=== Begin Enclosure ===

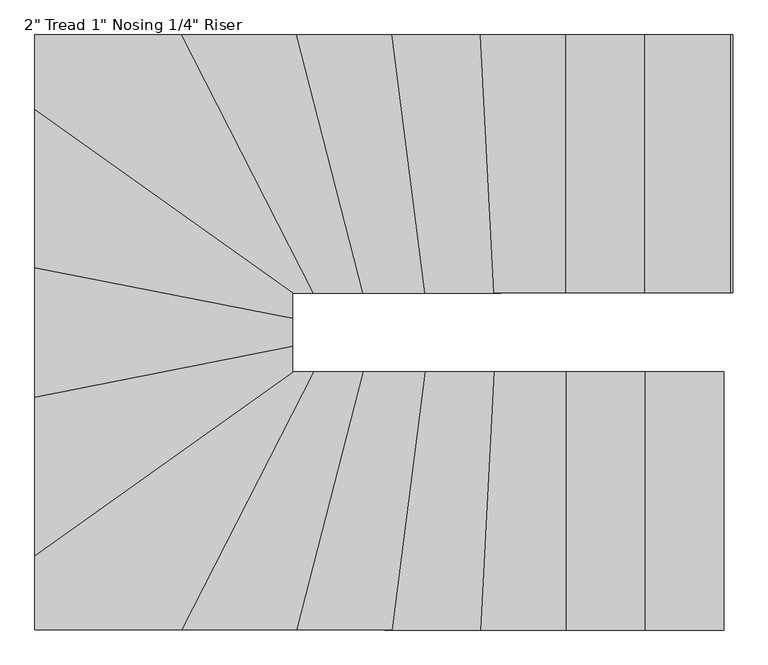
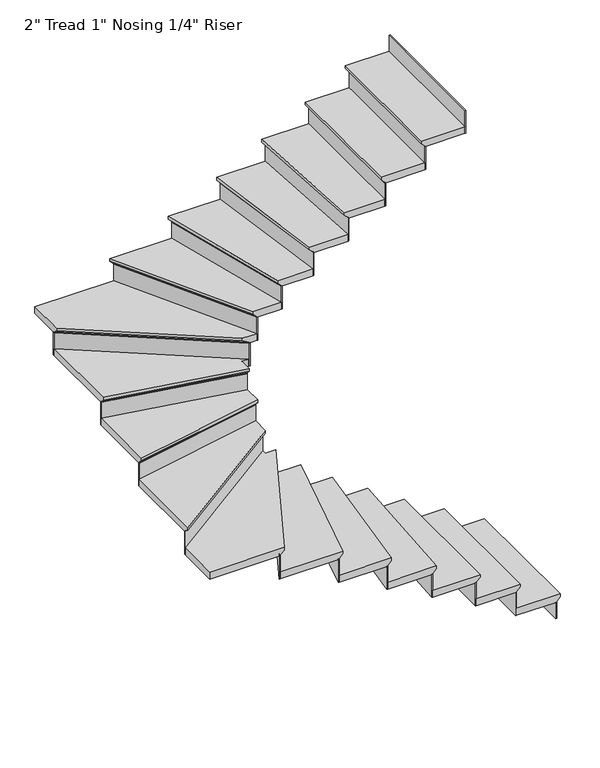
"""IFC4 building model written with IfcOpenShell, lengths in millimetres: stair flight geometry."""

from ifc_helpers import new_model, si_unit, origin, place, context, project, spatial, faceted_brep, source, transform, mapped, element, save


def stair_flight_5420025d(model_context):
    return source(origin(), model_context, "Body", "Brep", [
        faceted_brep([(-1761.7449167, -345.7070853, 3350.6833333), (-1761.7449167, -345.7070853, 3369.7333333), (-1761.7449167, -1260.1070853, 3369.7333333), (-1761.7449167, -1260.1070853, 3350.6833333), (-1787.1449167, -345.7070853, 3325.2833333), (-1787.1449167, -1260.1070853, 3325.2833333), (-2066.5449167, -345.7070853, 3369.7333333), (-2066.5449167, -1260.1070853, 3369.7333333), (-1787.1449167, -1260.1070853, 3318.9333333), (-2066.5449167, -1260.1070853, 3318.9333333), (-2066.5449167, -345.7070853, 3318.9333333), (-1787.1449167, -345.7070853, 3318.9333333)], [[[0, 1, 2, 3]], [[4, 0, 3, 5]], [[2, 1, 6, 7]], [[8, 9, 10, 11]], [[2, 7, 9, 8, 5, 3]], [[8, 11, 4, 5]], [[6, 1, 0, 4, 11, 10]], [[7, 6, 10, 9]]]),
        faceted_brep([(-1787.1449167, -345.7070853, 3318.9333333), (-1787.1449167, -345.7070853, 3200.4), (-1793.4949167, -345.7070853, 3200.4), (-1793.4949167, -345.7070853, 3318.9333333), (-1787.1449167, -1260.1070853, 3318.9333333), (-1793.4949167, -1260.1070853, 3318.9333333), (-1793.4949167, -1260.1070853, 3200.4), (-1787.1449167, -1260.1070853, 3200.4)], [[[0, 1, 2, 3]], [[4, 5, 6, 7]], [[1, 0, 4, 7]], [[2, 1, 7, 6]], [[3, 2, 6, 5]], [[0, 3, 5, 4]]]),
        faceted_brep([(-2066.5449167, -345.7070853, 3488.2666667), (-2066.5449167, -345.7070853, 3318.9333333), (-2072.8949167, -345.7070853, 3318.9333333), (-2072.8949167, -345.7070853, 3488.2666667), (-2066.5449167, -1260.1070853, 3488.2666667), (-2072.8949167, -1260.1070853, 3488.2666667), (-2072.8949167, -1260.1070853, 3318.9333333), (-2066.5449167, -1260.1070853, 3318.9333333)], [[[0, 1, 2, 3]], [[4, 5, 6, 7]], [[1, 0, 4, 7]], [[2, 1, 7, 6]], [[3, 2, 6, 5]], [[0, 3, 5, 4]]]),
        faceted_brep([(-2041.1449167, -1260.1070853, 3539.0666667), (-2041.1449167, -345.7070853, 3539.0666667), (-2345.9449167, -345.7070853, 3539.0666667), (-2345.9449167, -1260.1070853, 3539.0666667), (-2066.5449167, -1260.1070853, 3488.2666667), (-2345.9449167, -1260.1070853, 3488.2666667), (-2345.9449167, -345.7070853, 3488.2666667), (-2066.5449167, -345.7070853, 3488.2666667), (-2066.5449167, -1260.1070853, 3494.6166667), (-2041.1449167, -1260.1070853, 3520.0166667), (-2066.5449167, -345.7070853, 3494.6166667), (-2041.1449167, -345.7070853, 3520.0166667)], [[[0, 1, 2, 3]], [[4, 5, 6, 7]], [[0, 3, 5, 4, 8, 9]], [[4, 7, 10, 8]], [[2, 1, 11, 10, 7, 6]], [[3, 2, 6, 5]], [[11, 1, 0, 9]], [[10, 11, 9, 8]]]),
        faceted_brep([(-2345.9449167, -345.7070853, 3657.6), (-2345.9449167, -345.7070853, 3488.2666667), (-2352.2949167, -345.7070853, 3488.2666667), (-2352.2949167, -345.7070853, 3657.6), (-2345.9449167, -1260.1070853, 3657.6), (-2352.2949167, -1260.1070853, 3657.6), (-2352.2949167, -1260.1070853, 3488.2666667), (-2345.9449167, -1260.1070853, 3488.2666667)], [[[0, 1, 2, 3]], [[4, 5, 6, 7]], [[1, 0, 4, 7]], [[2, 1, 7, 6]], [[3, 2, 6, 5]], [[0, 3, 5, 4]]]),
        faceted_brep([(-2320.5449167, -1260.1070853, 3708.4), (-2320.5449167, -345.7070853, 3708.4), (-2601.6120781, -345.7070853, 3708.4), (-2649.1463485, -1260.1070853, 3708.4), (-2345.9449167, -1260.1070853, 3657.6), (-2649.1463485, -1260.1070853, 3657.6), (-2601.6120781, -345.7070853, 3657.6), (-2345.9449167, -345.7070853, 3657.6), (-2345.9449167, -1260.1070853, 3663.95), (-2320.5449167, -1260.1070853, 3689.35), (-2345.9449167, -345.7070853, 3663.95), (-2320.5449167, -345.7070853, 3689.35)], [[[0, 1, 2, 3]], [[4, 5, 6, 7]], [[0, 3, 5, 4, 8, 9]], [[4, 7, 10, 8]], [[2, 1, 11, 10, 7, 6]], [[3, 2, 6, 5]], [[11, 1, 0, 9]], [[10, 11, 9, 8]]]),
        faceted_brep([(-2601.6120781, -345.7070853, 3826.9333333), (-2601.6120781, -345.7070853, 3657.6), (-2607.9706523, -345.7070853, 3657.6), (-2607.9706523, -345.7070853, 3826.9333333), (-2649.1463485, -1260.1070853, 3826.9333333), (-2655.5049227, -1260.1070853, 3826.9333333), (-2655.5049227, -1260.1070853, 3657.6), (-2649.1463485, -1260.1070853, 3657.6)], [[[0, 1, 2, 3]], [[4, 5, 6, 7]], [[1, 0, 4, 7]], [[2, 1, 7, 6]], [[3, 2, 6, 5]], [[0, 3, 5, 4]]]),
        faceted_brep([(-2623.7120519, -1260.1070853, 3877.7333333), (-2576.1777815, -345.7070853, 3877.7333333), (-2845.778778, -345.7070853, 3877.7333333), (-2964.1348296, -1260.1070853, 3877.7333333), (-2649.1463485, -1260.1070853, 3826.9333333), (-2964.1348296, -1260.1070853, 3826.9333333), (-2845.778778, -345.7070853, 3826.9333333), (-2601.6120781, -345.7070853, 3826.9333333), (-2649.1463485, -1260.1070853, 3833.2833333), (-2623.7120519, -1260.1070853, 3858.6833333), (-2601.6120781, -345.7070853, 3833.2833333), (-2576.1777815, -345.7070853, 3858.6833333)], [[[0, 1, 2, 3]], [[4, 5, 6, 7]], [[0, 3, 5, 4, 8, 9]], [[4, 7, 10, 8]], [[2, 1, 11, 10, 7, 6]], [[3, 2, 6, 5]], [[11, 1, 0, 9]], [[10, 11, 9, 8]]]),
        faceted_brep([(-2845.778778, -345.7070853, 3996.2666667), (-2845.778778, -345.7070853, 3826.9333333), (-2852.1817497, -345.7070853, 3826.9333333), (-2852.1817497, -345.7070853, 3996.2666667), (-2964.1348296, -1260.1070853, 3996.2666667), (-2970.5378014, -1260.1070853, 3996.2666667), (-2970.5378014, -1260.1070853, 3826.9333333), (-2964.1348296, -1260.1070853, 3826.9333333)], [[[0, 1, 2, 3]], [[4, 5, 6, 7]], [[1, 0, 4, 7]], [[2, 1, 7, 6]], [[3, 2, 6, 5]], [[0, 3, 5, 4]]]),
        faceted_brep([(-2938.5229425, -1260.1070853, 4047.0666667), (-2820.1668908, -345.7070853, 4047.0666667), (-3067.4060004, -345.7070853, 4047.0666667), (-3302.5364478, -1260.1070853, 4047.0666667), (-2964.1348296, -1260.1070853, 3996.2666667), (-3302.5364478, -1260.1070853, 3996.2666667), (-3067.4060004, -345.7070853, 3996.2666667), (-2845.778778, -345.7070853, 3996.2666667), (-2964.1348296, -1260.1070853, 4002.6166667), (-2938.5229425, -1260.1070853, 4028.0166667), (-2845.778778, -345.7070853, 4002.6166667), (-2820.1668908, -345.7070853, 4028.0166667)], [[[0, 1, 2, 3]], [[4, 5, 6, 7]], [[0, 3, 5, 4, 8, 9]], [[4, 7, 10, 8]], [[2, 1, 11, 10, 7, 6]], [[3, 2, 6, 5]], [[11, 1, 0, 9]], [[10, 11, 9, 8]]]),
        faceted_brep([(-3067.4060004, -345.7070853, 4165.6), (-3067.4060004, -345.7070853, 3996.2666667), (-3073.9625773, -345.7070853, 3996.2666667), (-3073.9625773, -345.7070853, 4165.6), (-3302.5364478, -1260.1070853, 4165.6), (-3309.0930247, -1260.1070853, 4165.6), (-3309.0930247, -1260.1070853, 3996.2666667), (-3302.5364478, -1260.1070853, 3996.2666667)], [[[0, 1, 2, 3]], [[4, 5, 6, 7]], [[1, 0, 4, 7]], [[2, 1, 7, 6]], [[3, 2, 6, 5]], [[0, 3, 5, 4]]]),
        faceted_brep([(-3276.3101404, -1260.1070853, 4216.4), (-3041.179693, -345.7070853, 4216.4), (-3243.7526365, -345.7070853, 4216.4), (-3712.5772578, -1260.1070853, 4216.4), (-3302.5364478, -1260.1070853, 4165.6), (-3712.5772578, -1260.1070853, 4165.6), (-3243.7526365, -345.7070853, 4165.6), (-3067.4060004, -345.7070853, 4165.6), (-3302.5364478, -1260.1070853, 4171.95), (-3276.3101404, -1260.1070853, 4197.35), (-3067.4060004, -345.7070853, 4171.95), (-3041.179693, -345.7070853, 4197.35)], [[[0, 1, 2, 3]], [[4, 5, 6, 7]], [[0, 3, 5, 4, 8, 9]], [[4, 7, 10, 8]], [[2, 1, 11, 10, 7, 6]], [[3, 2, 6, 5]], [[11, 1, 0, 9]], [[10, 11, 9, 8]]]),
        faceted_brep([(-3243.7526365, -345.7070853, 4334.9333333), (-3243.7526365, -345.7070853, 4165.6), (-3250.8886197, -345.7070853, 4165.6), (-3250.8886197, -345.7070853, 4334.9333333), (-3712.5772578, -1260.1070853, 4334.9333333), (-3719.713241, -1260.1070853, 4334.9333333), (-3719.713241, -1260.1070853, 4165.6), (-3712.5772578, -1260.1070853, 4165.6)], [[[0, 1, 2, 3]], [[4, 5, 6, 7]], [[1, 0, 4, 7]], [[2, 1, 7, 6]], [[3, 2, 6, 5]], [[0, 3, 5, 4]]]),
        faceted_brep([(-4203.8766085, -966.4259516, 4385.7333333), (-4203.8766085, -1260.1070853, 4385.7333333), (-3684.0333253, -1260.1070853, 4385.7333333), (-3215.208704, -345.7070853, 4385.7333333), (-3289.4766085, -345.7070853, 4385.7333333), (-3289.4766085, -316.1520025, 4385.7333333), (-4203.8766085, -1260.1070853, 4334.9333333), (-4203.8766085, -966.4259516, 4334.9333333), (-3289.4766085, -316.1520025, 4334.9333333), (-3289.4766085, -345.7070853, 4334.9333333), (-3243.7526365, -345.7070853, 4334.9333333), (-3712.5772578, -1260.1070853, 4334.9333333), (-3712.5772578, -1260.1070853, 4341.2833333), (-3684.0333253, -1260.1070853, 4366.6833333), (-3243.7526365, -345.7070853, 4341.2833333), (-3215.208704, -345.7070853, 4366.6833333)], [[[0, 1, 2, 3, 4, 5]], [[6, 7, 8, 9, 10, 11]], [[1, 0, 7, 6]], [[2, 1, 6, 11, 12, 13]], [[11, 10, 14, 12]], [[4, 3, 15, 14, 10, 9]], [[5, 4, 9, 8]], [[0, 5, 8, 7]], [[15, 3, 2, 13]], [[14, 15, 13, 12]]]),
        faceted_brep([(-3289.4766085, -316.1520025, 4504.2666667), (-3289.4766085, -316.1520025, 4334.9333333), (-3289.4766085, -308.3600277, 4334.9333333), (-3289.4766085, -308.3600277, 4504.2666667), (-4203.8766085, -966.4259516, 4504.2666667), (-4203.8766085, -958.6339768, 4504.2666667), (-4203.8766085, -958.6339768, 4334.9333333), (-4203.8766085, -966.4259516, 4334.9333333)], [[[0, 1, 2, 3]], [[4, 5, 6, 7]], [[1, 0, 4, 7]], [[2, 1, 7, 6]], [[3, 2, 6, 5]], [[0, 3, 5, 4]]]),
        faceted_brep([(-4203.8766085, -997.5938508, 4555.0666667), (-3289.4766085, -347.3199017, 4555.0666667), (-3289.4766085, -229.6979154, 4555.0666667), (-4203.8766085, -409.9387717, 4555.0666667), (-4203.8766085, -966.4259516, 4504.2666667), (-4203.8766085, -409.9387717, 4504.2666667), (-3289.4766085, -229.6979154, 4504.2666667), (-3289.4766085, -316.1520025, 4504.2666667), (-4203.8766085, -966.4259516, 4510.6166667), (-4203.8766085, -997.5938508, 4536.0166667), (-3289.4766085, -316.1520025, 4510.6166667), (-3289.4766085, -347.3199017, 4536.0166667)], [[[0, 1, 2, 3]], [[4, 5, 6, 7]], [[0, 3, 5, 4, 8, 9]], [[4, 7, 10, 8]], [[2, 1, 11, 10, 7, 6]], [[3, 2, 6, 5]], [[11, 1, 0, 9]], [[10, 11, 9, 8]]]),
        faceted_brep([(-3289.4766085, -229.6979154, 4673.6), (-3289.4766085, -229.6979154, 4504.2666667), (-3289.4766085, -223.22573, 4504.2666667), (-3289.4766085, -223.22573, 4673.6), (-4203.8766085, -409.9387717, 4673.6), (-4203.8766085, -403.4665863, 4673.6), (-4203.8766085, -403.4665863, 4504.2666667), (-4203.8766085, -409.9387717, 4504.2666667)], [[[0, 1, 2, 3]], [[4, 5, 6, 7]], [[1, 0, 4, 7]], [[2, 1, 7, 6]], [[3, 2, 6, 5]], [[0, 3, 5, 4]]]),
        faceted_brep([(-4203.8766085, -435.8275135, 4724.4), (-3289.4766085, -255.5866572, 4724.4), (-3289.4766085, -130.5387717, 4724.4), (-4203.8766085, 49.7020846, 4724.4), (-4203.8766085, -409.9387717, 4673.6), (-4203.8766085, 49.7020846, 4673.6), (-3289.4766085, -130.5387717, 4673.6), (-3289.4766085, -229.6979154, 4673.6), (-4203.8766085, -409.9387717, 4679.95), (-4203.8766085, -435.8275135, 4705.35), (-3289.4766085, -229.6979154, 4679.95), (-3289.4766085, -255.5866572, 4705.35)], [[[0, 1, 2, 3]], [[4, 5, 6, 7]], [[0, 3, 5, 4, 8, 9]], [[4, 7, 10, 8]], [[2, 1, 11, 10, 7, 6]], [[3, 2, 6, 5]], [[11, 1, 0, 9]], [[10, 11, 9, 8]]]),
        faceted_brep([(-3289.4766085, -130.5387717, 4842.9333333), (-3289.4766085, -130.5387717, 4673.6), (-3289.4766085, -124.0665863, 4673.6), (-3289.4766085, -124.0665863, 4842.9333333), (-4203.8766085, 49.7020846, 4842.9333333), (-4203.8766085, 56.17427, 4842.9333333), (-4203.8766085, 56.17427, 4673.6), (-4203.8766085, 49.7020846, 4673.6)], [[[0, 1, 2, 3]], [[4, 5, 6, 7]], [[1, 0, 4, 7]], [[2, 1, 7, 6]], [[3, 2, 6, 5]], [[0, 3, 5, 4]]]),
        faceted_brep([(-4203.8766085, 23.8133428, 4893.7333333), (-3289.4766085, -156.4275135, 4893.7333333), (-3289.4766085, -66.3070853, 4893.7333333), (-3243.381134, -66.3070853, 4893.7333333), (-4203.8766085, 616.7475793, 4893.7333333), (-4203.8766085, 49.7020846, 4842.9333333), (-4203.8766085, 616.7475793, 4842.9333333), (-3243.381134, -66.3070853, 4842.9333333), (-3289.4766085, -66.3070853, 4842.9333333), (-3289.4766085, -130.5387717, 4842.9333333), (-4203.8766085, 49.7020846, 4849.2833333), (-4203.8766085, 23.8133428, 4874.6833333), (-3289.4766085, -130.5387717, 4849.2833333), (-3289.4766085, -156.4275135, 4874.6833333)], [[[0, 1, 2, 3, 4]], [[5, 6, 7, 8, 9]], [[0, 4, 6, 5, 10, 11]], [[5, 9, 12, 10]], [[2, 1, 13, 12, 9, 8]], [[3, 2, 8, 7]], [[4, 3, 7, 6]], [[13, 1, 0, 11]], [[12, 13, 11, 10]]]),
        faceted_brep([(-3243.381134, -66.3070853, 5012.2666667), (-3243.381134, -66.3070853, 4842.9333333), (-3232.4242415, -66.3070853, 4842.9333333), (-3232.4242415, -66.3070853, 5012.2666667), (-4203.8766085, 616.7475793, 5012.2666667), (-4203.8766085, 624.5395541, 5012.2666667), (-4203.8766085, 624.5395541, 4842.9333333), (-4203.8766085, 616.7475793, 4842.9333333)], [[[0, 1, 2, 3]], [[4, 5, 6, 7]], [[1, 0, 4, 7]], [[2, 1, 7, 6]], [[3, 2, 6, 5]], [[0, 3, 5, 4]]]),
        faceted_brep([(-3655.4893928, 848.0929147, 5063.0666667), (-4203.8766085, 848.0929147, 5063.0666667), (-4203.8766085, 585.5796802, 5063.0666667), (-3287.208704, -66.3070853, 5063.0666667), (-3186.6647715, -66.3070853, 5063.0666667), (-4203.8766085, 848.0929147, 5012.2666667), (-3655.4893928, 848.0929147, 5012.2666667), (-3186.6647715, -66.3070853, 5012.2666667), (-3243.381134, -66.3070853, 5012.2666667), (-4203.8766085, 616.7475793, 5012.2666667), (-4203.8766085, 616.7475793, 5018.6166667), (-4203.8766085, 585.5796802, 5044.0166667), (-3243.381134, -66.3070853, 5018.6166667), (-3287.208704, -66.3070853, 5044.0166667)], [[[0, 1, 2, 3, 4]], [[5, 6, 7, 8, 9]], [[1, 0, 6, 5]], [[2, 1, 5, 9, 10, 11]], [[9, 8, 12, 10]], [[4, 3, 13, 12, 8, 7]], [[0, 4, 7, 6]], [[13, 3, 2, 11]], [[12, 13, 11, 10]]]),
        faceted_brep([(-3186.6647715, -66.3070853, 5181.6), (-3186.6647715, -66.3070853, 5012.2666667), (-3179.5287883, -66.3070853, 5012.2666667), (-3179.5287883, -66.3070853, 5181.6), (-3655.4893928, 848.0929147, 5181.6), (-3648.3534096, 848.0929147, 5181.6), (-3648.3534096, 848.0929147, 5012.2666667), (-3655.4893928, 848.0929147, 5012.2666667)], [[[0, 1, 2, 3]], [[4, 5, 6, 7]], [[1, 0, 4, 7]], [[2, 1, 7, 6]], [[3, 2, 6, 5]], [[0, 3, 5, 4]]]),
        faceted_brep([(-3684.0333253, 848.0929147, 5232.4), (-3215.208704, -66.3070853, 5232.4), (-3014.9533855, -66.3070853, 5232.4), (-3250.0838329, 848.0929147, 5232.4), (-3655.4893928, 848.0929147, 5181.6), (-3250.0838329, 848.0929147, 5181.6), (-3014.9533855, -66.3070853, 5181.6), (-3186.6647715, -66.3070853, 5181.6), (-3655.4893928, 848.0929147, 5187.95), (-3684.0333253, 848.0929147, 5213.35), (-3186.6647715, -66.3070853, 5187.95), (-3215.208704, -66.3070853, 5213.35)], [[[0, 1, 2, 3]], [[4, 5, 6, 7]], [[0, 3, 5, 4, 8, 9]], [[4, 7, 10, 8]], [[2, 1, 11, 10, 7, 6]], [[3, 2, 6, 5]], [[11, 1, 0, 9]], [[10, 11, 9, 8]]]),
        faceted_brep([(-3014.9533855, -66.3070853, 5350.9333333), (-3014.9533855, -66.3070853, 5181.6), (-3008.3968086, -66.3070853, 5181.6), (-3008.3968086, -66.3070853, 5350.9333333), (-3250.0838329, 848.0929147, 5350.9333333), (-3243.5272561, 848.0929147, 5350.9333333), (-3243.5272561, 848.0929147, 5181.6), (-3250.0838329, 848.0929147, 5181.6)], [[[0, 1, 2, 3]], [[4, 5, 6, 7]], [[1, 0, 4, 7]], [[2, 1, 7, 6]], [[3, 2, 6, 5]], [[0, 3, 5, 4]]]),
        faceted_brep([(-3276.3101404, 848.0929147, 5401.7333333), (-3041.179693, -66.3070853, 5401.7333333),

=== End Enclosure ===

▶ _WHAT IS EXPECTED_
Check every line of the data above for the string "origin", and copy those that have it.

▶ _WORKED SOLUTION_
from ifc_helpers import new_model, si_unit, origin, place, context, project, spatial, faceted_brep, source, transform, mapped, element, save
    return source(origin(), model_context, "Body", "Brep", [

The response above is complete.